> Work to complete:
Using the material below, copy every line where "spatial" appears.

> Available data:
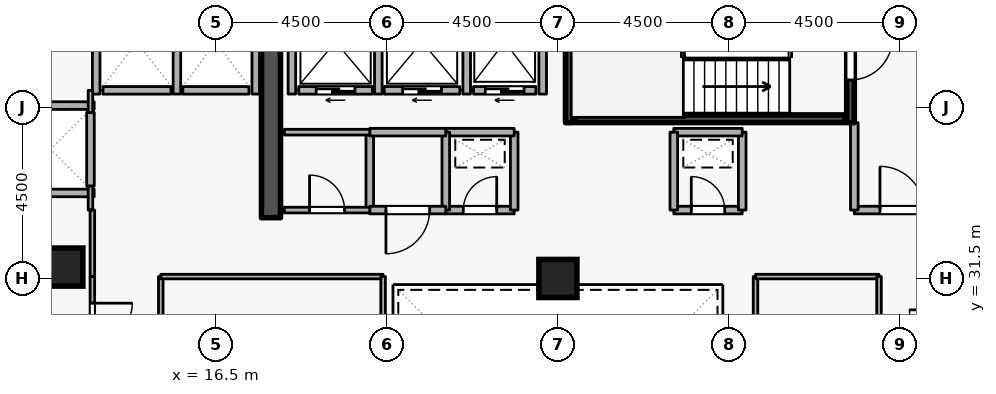
"""IFC4 building model, lengths in metres.
Left out: names, types, materials, properties, quantities, classifications, styles, units other than length and angle.
Written with IfcOpenShell. Run it as: python <this file> out.ifc"""

import sys

from ifc_helpers import new_model, si_unit, direction, frame, frame_2d, origin, origin_2d, place, context, subcontext, project, spatial, rectangle, extrude, element, fill, save


model = new_model("IFC4")
c1 = context("Model", 3, precision=1e-05, world=origin(), true_north=direction((0.0, 1.0)))
c2 = subcontext(c1, "Body", "Model", "MODEL_VIEW")
j1 = project(units=[si_unit("LENGTHUNIT", "METRE"), si_unit("PLANEANGLEUNIT", "RADIAN")], contexts=[c1])
p1 = place(None, origin())
s1 = spatial("IfcSite", under=j1, at=p1, CompositionType="ELEMENT")
p2 = place(p1, origin())
s2 = spatial("IfcBuilding", under=s1, at=p2, CompositionType="ELEMENT")
p3 = place(p2, frame((0.0, 0.0, 200.1)))
s3 = spatial("IfcBuildingStorey", under=s2, at=p3, CompositionType="ELEMENT", Elevation=200.1)
p4 = place(p3, frame((17.95, 33.1, 0.0), z_axis=(0.0, 0.0, 1.0), x_axis=(0.0, 1.0, 0.0)))
e1 = element("IfcWall", 1, at=p4, inside=s3, PredefinedType="SHEAR", context=c2, shape_type="SweptSolid", body=[
    extrude(rectangle(XDim=5.8, YDim=0.5, at=frame_2d((2.9, 0.0))), origin(), (0.0, 0.0, 1.0), 3.6),
])
for number, where, z_axis, x_axis in (
    (2, (12.5, 31.8, 0.0), (0.0, 0.0, 1.0), (1.0, 0.0, 0.0)),
    (3, (25.5, 31.5, 0.0), (0.0, 0.0, 1.0), (1.0, 0.0, 0.0)),
):
    element("IfcColumn", number, at=place(p3, frame(where, z_axis=z_axis, x_axis=x_axis)), inside=s3, PredefinedType="COLUMN", context=c2, shape_type="SweptSolid", body=[
        extrude(rectangle(XDim=1.0, YDim=1.0, at=origin_2d()), origin(), (0.0, 0.0, 1.0), 3.6),
    ])
p5 = place(p3, frame((24.92, 36.45, 0.0), z_axis=(0.0, 0.0, 1.0), x_axis=(-1.0, 0.0, 0.0)))
e4 = element("IfcWall", 4, at=p5, inside=s3, PredefinedType="STANDARD", context=c2, shape_type="SweptSolid", body=[
    extrude(rectangle(XDim=1.64, YDim=0.2, at=frame_2d((0.82, 0.0))), origin(), (0.0, 0.0, 1.0), 3.32),
])
p6 = place(p5, frame((0.31, 0.0, 0.0)))
e5 = element("IfcOpeningElement", 5, at=p6, cuts=e4, PredefinedType="OPENING", context=c2, shape_type="SweptSolid", body=[
    extrude(rectangle(XDim=1.02, YDim=2.06, at=frame_2d((0.51, 1.03))), frame((0.0, 0.11, 0.0), z_axis=(0.0, -1.0, 0.0), x_axis=(1.0, 0.0, 0.0)), (0.0, 0.0, 1.0), 0.22),
])
p7 = place(p3, frame((22.92, 36.45, 0.0), z_axis=(0.0, 0.0, 1.0), x_axis=(-1.0, 0.0, 0.0)))
e6 = element("IfcWall", 6, at=p7, inside=s3, PredefinedType="STANDARD", context=c2, shape_type="SweptSolid", body=[
    extrude(rectangle(XDim=1.99, YDim=0.2, at=frame_2d((0.995, 0.0))), origin(), (0.0, 0.0, 1.0), 3.32),
])
p8 = place(p7, frame((0.485, 0.0, 0.0)))
e7 = element("IfcOpeningElement", 7, at=p8, cuts=e6, PredefinedType="OPENING", context=c2, shape_type="SweptSolid", body=[
    extrude(rectangle(XDim=1.02, YDim=2.06, at=frame_2d((0.51, 1.03))), frame((0.0, 0.11, 0.0), z_axis=(0.0, -1.0, 0.0), x_axis=(1.0, 0.0, 0.0)), (0.0, 0.0, 1.0), 0.22),
])
p9 = place(p3, frame((20.62, 36.45, 0.0), z_axis=(0.0, 0.0, 1.0), x_axis=(-1.0, 0.0, 0.0)))
e8 = element("IfcWall", 8, at=p9, inside=s3, PredefinedType="STANDARD", context=c2, shape_type="SweptSolid", body=[
    extrude(rectangle(XDim=1.94, YDim=0.2, at=frame_2d((0.97, 0.0))), origin(), (0.0, 0.0, 1.0), 3.32),
])
p10 = place(p9, frame((0.46, 0.0, 0.0)))
e9 = element("IfcOpeningElement", 9, at=p10, cuts=e8, PredefinedType="OPENING", context=c2, shape_type="SweptSolid", body=[
    extrude(rectangle(XDim=1.02, YDim=2.06, at=frame_2d((0.51, 1.03))), frame((0.0, 0.11, 0.0), z_axis=(0.0, -1.0, 0.0), x_axis=(1.0, 0.0, 0.0)), (0.0, 0.0, 1.0), 0.22),
])
p11 = place(p3, frame((17.37, 36.45, 0.0), z_axis=(0.0, 0.0, 1.0), x_axis=(-1.0, 0.0, 0.0)))
e10 = element("IfcWall", 10, at=p11, inside=s3, PredefinedType="STANDARD", context=c2, shape_type="SweptSolid", body=[
    extrude(rectangle(XDim=1.74, YDim=0.2, at=frame_2d((0.87, 0.0))), origin(), (0.0, 0.0, 1.0), 3.32),
])
p12 = place(p3, frame((15.32, 36.45, 0.0), z_axis=(0.0, 0.0, 1.0), x_axis=(-1.0, 0.0, 0.0)))
e11 = element("IfcWall", 11, at=p12, inside=s3, PredefinedType="STANDARD", context=c2, shape_type="SweptSolid", body=[
    extrude(rectangle(XDim=1.79, YDim=0.2, at=frame_2d((0.895, 0.0))), origin(), (0.0, 0.0, 1.0), 3.32),
])
p13 = place(p3, frame((13.2, 33.93, 0.0), z_axis=(0.0, 0.0, 1.0), x_axis=(0.0, 1.0, 0.0)))
e12 = element("IfcWall", 12, at=p13, inside=s3, PredefinedType="STANDARD", context=c2, shape_type="SweptSolid", body=[
    extrude(rectangle(XDim=1.94, YDim=0.2, at=frame_2d((0.97, 0.0))), origin(), (0.0, 0.0, 1.0), 3.32),
])
for number, where, z_axis, x_axis in (
    (13, (25.1, 36.352, 0.0), (0.0, 0.0, 1.0), (0.0, 1.0, 0.0)),
    (14, (23.1, 36.352, 0.0), (0.0, 0.0, 1.0), (0.0, 1.0, 0.0)),
    (15, (20.775, 36.352, 0.0), (0.0, 0.0, 1.0), (0.0, 1.0, 0.0)),
    (16, (18.5, 36.352, 0.0), (0.0, 0.0, 1.0), (0.0, 1.0, 0.0)),
):
    element("IfcWall", number, at=place(p3, frame(where, z_axis=z_axis, x_axis=x_axis)), inside=s3, PredefinedType="STANDARD", context=c2, shape_type="SweptSolid", body=[
        extrude(rectangle(XDim=2.536, YDim=0.2, at=frame_2d((1.268, 0.0))), origin(), (0.0, 0.0, 1.0), 3.32),
    ])
p14 = place(p3, frame((17.55, 36.352, 0.0), z_axis=(0.0, 0.0, 1.0), x_axis=(0.0, 1.0, 0.0)))
e17 = element("IfcWall", 17, at=p14, inside=s3, PredefinedType="STANDARD", context=c2, shape_type="SweptSolid", body=[
    extrude(rectangle(XDim=2.636, YDim=0.2, at=frame_2d((1.318, 0.0))), origin(), (0.0, 0.0, 1.0), 2.525),
])
for number, where, z_axis, x_axis in (
    (18, (15.475, 36.352, 0.0), (0.0, 0.0, 1.0), (0.0, 1.0, 0.0)),
    (19, (13.35, 36.352, 0.0), (0.0, 0.0, 1.0), (0.0, 1.0, 0.0)),
):
    element("IfcWall", number, at=place(p3, frame(where, z_axis=z_axis, x_axis=x_axis)), inside=s3, PredefinedType="STANDARD", context=c2, shape_type="SweptSolid", body=[
        extrude(rectangle(XDim=2.636, YDim=0.2, at=frame_2d((1.318, 0.0))), origin(), (0.0, 0.0, 1.0), 3.32),
    ])
for number, where, z_axis, x_axis in (
    (20, (11.002, 36.05, 0.0), (0.0, 0.0, 1.0), (1.0, 0.0, 0.0)),
    (21, (11.002, 33.75, 0.0), (0.0, 0.0, 1.0), (1.0, 0.0, 0.0)),
):
    element("IfcWall", number, at=place(p3, frame(where, z_axis=z_axis, x_axis=x_axis)), inside=s3, PredefinedType="STANDARD", context=c2, shape_type="SweptSolid", body=[
        extrude(rectangle(XDim=2.296, YDim=0.2, at=frame_2d((1.148, 0.0))), origin(), (0.0, 0.0, 1.0), 3.32),
    ])
p15 = place(p3, frame((33.2, 38.95, 0.0), z_axis=(0.0, 0.0, 1.0), x_axis=(0.0, -1.0, 0.0)))
e22 = element("IfcWall", 22, at=p15, inside=s3, PredefinedType="SHEAR", context=c2, shape_type="SweptSolid", body=[
    extrude(rectangle(XDim=3.35, YDim=0.2, at=frame_2d((1.675, 0.0))), origin(), (0.0, 0.0, 1.0), 3.6),
])
p16 = place(p15, frame((1.125, 0.0, 0.0)))
e23 = element("IfcOpeningElement", 23, at=p16, cuts=e22, PredefinedType="OPENING", context=c2, shape_type="SweptSolid", body=[
    extrude(rectangle(XDim=1.1, YDim=2.1, at=frame_2d((0.55, 1.05))), frame((0.0, 0.11, 0.0), z_axis=(0.0, -1.0, 0.0), x_axis=(1.0, 0.0, 0.0)), (0.0, 0.0, 1.0), 0.22),
])
p17 = place(p3, frame((25.8, 35.6, 0.0), z_axis=(0.0, 0.0, 1.0), x_axis=(0.0, 1.0, 0.0)))
e24 = element("IfcWall", 24, at=p17, inside=s3, PredefinedType="SHEAR", context=c2, shape_type="SweptSolid", body=[
    extrude(rectangle(XDim=3.35, YDim=0.2, at=frame_2d((1.675, 0.0))), origin(), (0.0, 0.0, 1.0), 3.6),
])
p18 = place(p3, frame((25.95, 35.703, 0.0), z_axis=(0.0, 0.0, 1.0), x_axis=(1.0, 0.0, 0.0)))
e25 = element("IfcWall", 25, at=p18, inside=s3, PredefinedType="SHEAR", context=c2, shape_type="SweptSolid", body=[
    extrude(rectangle(XDim=7.1, YDim=0.2, at=frame_2d((3.55, 0.0))), origin(), (0.0, 0.0, 1.0), 3.6),
])
p19 = place(p3, frame((33.3, 33.3, 0.0), z_axis=(0.0, 0.0, 1.0), x_axis=(1.0, 0.0, 0.0)))
e26 = element("IfcWall", 26, at=p19, inside=s3, PredefinedType="STANDARD", context=c2, shape_type="SweptSolid", body=[
    extrude(rectangle(XDim=2.5, YDim=0.2, at=frame_2d((1.25, 0.0))), origin(), (0.0, 0.0, 1.0), 3.32),
])
p20 = place(p19, frame((0.675, 0.0, 0.0)))
e27 = element("IfcOpeningElement", 27, at=p20, cuts=e26, PredefinedType="OPENING", context=c2, shape_type="SweptSolid", body=[
    extrude(rectangle(XDim=1.15, YDim=2.1, at=frame_2d((0.575, 1.05))), frame((0.0, 0.11, 0.0), z_axis=(0.0, -1.0, 0.0), x_axis=(1.0, 0.0, 0.0)), (0.0, 0.0, 1.0), 0.22),
])
p21 = place(p3, frame((33.3, 35.6, 0.0), z_axis=(0.0, 0.0, 1.0), x_axis=(0.0, -1.0, 0.0)))
e28 = element("IfcWall", 28, at=p21, inside=s3, PredefinedType="STANDARD", context=c2, shape_type="SweptSolid", body=[
    extrude(rectangle(XDim=2.3, YDim=0.2, at=frame_2d((1.15, 0.0))), origin(), (0.0, 0.0, 1.0), 2.525),
])
p22 = place(p3, frame((22.55, 33.3, 0.0), z_axis=(0.0, 0.0, 1.0), x_axis=(1.0, 0.0, 0.0)))
e29 = element("IfcWall", 29, at=p22, inside=s3, PredefinedType="STANDARD", context=c2, shape_type="SweptSolid", body=[
    extrude(rectangle(XDim=1.8, YDim=0.2, at=frame_2d((0.9, 0.0))), origin(), (0.0, 0.0, 1.0), 3.32),
])
p23 = place(p22, frame((0.46, 0.0, 0.0)))
e30 = element("IfcOpeningElement", 30, at=p23, cuts=e29, PredefinedType="OPENING", context=c2, shape_type="SweptSolid", body=[
    extrude(rectangle(XDim=0.88, YDim=2.04, at=frame_2d((0.44, 1.02))), frame((0.0, 0.11, 0.0), z_axis=(0.0, -1.0, 0.0), x_axis=(1.0, 0.0, 0.0)), (0.0, 0.0, 1.0), 0.22),
])
p24 = place(p3, frame((24.35, 33.3, 0.0), z_axis=(0.0, 0.0, 1.0), x_axis=(0.0, 1.0, 0.0)))
e31 = element("IfcWall", 31, at=p24, inside=s3, PredefinedType="STANDARD", context=c2, shape_type="SweptSolid", body=[
    extrude(rectangle(XDim=2.05, YDim=0.2, at=frame_2d((1.025, 0.0))), origin(), (0.0, 0.0, 1.0), 3.32),
])
p25 = place(p3, frame((24.35, 35.35, 0.0), z_axis=(0.0, 0.0, 1.0), x_axis=(-1.0, 0.0, 0.0)))
e32 = element("IfcWall", 32, at=p25, inside=s3, PredefinedType="STANDARD", context=c2, shape_type="SweptSolid", body=[
    extrude(rectangle(XDim=1.8, YDim=0.2, at=frame_2d((0.9, 0.0))), origin(), (0.0, 0.0, 1.0), 3.32),
])
p26 = place(p3, frame((22.55, 35.35, 0.0), z_axis=(0.0, 0.0, 1.0), x_axis=(0.0, -1.0, 0.0)))
e33 = element("IfcWall", 33, at=p26, inside=s3, PredefinedType="STANDARD", context=c2, shape_type="SweptSolid", body=[
    extrude(rectangle(XDim=2.05, YDim=0.2, at=frame_2d((1.025, 0.0))), origin(), (0.0, 0.0, 1.0), 3.32),
])
p27 = place(p3, frame((28.55, 33.3, 0.0), z_axis=(0.0, 0.0, 1.0), x_axis=(1.0, 0.0, 0.0)))
e34 = element("IfcWall", 34, at=p27, inside=s3, PredefinedType="STANDARD", context=c2, shape_type="SweptSolid", body=[
    extrude(rectangle(XDim=1.8, YDim=0.2, at=frame_2d((0.9, 0.0))), origin(), (0.0, 0.0, 1.0), 3.32),
])
p28 = place(p27, frame((0.46, 0.0, 0.0)))
e35 = element("IfcOpeningElement", 35, at=p28, cuts=e34, PredefinedType="OPENING", context=c2, shape_type="SweptSolid", body=[
    extrude(rectangle(XDim=0.88, YDim=2.04, at=frame_2d((0.44, 1.02))), frame((0.0, 0.11, 0.0), z_axis=(0.0, -1.0, 0.0), x_axis=(1.0, 0.0, 0.0)), (0.0, 0.0, 1.0), 0.22),
])
p29 = place(p3, frame((30.35, 33.3, 0.0), z_axis=(0.0, 0.0, 1.0), x_axis=(0.0, 1.0, 0.0)))
e36 = element("IfcWall", 36, at=p29, inside=s3, PredefinedType="STANDARD", context=c2, shape_type="SweptSolid", body=[
    extrude(rectangle(XDim=2.05, YDim=0.2, at=frame_2d((1.025, 0.0))), origin(), (0.0, 0.0, 1.0), 3.32),
])
p30 = place(p3, frame((30.35, 35.35, 0.0), z_axis=(0.0, 0.0, 1.0), x_axis=(-1.0, 0.0, 0.0)))
e37 = element("IfcWall", 37, at=p30, inside=s3, PredefinedType="STANDARD", context=c2, shape_type="SweptSolid", body=[
    extrude(rectangle(XDim=1.8, YDim=0.2, at=frame_2d((0.9, 0.0))), origin(), (0.0, 0.0, 1.0), 3.32),
])
for number, where, z_axis, x_axis in (
    (38, (28.55, 35.35, 0.0), (0.0, 0.0, 1.0), (0.0, -1.0, 0.0)),
    (39, (20.55, 33.3, 0.0), (0.0, 0.0, 1.0), (0.0, 1.0, 0.0)),
):
    element("IfcWall", number, at=place(p3, frame(where, z_axis=z_axis, x_axis=x_axis)), inside=s3, PredefinedType="STANDARD", context=c2, shape_type="SweptSolid", body=[
        extrude(rectangle(XDim=2.05, YDim=0.2, at=frame_2d((1.025, 0.0))), origin(), (0.0, 0.0, 1.0), 3.32),
    ])
p31 = place(p3, frame((20.55, 35.35, 0.0), z_axis=(0.0, 0.0, 1.0), x_axis=(1.0, 0.0, 0.0)))
e40 = element("IfcWall", 40, at=p31, inside=s3, PredefinedType="STANDARD", context=c2, shape_type="SweptSolid", body=[
    extrude(rectangle(XDim=2.0, YDim=0.2, at=frame_2d((1.0, 0.0))), origin(), (0.0, 0.0, 1.0), 3.32),
])
p32 = place(p3, frame((22.55, 33.3, 0.0), z_axis=(0.0, 0.0, 1.0), x_axis=(-1.0, 0.0, 0.0)))
e41 = element("IfcWall", 41, at=p32, inside=s3, PredefinedType="STANDARD", context=c2, shape_type="SweptSolid", body=[
    extrude(rectangle(XDim=2.0, YDim=0.2, at=frame_2d((1.0, 0.0))), origin(), (0.0, 0.0, 1.0), 3.32),
])
p33 = place(p32, frame((0.425, 0.0, 0.0)))
e42 = element("IfcOpeningElement", 42, at=p33, cuts=e41, PredefinedType="OPENING", context=c2, shape_type="SweptSolid", body=[
    extrude(rectangle(XDim=1.15, YDim=2.1, at=frame_2d((0.575, 1.05))), frame((0.0, 0.11, 0.0), z_axis=(0.0, -1.0, 0.0), x_axis=(1.0, 0.0, 0.0)), (0.0, 0.0, 1.0), 0.22),
])
p34 = place(p3, frame((18.3, 33.3, 0.0), z_axis=(0.0, 0.0, 1.0), x_axis=(1.0, 0.0, 0.0)))
e43 = element("IfcWall", 43, at=p34, inside=s3, PredefinedType="PARTITIONING", context=c2, shape_type="SweptSolid", body=[
    extrude(rectangle(XDim=2.25, YDim=0.15, at=frame_2d((1.125, 0.0))), origin(), (0.0, 0.0, 1.0), 3.32),
])
p35 = place(p34, frame((0.665, 0.0, 0.0)))
e44 = element("IfcOpeningElement", 44, at=p35, cuts=e43, PredefinedType="OPENING", context=c2, shape_type="SweptSolid", body=[
    extrude(rectangle(XDim=0.92, YDim=2.08, at=frame_2d((0.46, 1.04))), frame((0.0, 0.085, 0.0), z_axis=(0.0, -1.0, 0.0), x_axis=(1.0, 0.0, 0.0)), (0.0, 0.0, 1.0), 0.17),
])
p36 = place(p3, frame((20.55, 35.35, 0.0), z_axis=(0.0, 0.0, 1.0), x_axis=(-1.0, 0.0, 0.0)))
e45 = element("IfcWall", 45, at=p36, inside=s3, PredefinedType="PARTITIONING", context=c2, shape_type="SweptSolid", body=[
    extrude(rectangle(XDim=2.25, YDim=0.15, at=frame_2d((1.125, 0.0))), origin(), (0.0, 0.0, 1.0), 3.32),
])
p37 = place(p3, frame((13.2, 36.45, 0.0), z_axis=(0.0, 0.0, 1.0), x_axis=(0.0, -1.0, 0.0)))
e46 = element("IfcWall", 46, at=p37, inside=s3, PredefinedType="PARTITIONING", context=c2, shape_type="SweptSolid", body=[
    extrude(rectangle(XDim=0.58, YDim=0.12, at=frame_2d((0.29, 0.0))), origin(), (0.0, 0.0, 1.0), 3.32),
])
p38 = place(p3, frame((13.2, 33.93, 0.0), z_axis=(0.0, 0.0, 1.0), x_axis=(0.0, -1.0, 0.0)))
e47 = element("IfcWall", 47, at=p38, inside=s3, PredefinedType="PARTITIONING", context=c2, shape_type="SweptSolid", body=[
    extrude(rectangle(XDim=0.63, YDim=0.12, at=frame_2d((0.315, 0.0))), origin(), (0.0, 0.0, 1.0), 3.32),
])
p39 = place(p3, frame((13.25, 33.3, 0.0), z_axis=(0.0, 0.0, 1.0), x_axis=(0.0, -1.0, 0.0)))
e48 = element("IfcWall", 48, at=p39, inside=s3, PredefinedType="PARTITIONING", context=c2, shape_type="SweptSolid", body=[
    extrude(rectangle(XDim=1.75, YDim=0.12, at=frame_2d((0.875, 0.0))), origin(), (0.0, 0.0, 1.0), 3.32),
])
p40 = place(p3, frame((13.25, 31.55, 0.0), z_axis=(0.0, 0.0, 1.0), x_axis=(0.0, -1.0, 0.0)))
e49 = element("IfcWall", 49, at=p40, inside=s3, PredefinedType="PARTITIONING", context=c2, shape_type="SweptSolid", body=[
    extrude(rectangle(XDim=2.45, YDim=0.12, at=frame_2d((1.225, 0.0))), origin(), (0.0, 0.0, 1.0), 3.32),
])
p41 = place(p40, frame((0.7, 0.0, 0.0)))
e50 = element("IfcOpeningElement", 50, at=p41, cuts=e49, PredefinedType="OPENING", context=c2, shape_type="SweptSolid", body=[
    extrude(rectangle(XDim=1.05, YDim=2.1, at=frame_2d((0.525, 1.05))), frame((0.0, 0.07, 0.0), z_axis=(0.0, -1.0, 0.0), x_axis=(1.0, 0.0, 0.0)), (0.0, 0.0, 1.0), 0.14),
])
p42 = place(p3, frame((15.05, 22.45, 0.0), z_axis=(0.0, 0.0, 1.0), x_axis=(0.0, 1.0, 0.0)))
e51 = element("IfcWall", 51, at=p42, inside=s3, PredefinedType="PARTITIONING", context=c2, shape_type="SweptSolid", body=[
    extrude(rectangle(XDim=9.1, YDim=0.12, at=frame_2d((4.55, 0.0))), origin(), (0.0, 0.0, 1.0), 3.32),
])
p43 = place(p42, frame((4.075, 0.0, 0.0)))
e52 = element("IfcOpeningElement", 52, at=p43, cuts=e51, PredefinedType="OPENING", context=c2, shape_type="SweptSolid", body=[
    extrude(rectangle(XDim=0.95, YDim=2.1, at=frame_2d((0.475, 1.05))), frame((0.0, 0.07, 0.0), z_axis=(0.0, -1.0, 0.0), x_axis=(1.0, 0.0, 0.0)), (0.0, 0.0, 1.0), 0.14),
])
p44 = place(p3, frame((15.05, 31.55, 0.0), z_axis=(0.0, 0.0, 1.0), x_axis=(1.0, 0.0, 0.0)))
e53 = element("IfcWall", 53, at=p44, inside=s3, PredefinedType="PARTITIONING", context=c2, shape_type="SweptSolid", body=[
    extrude(rectangle(XDim=5.85, YDim=0.12, at=frame_2d((2.925, 0.0))), origin(), (0.0, 0.0, 1.0), 3.32),
])
for number, where, z_axis, x_axis in (
    (54, (20.9, 31.55, 0.0), (0.0, 0.0, 1.0), (0.0, -1.0, 0.0)),
    (55, (30.7, 22.45, 0.0), (0.0, 0.0, 1.0), (0.0, 1.0, 0.0)),
):
    element("IfcWall", number, at=place(p3, frame(where, z_axis=z_axis, x_axis=x_axis)), inside=s3, PredefinedType="PARTITIONING", context=c2, shape_type="SweptSolid", body=[
        extrude(rectangle(XDim=9.1, YDim=0.12, at=frame_2d((4.55, 0.0))), origin(), (0.0, 0.0, 1.0), 3.32),
    ])
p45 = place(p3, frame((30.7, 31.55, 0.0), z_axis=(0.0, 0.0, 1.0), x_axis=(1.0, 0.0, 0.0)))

> Answer section:
from ifc_helpers import new_model, si_unit, direction, frame, frame_2d, origin, origin_2d, place, context, subcontext, project, spatial, rectangle, extrude, element, fill, save
s1 = spatial("IfcSite", under=j1, at=p1, CompositionType="ELEMENT")
s2 = spatial("IfcBuilding", under=s1, at=p2, CompositionType="ELEMENT")
s3 = spatial("IfcBuildingStorey", under=s2, at=p3, CompositionType="ELEMENT", Elevation=200.1)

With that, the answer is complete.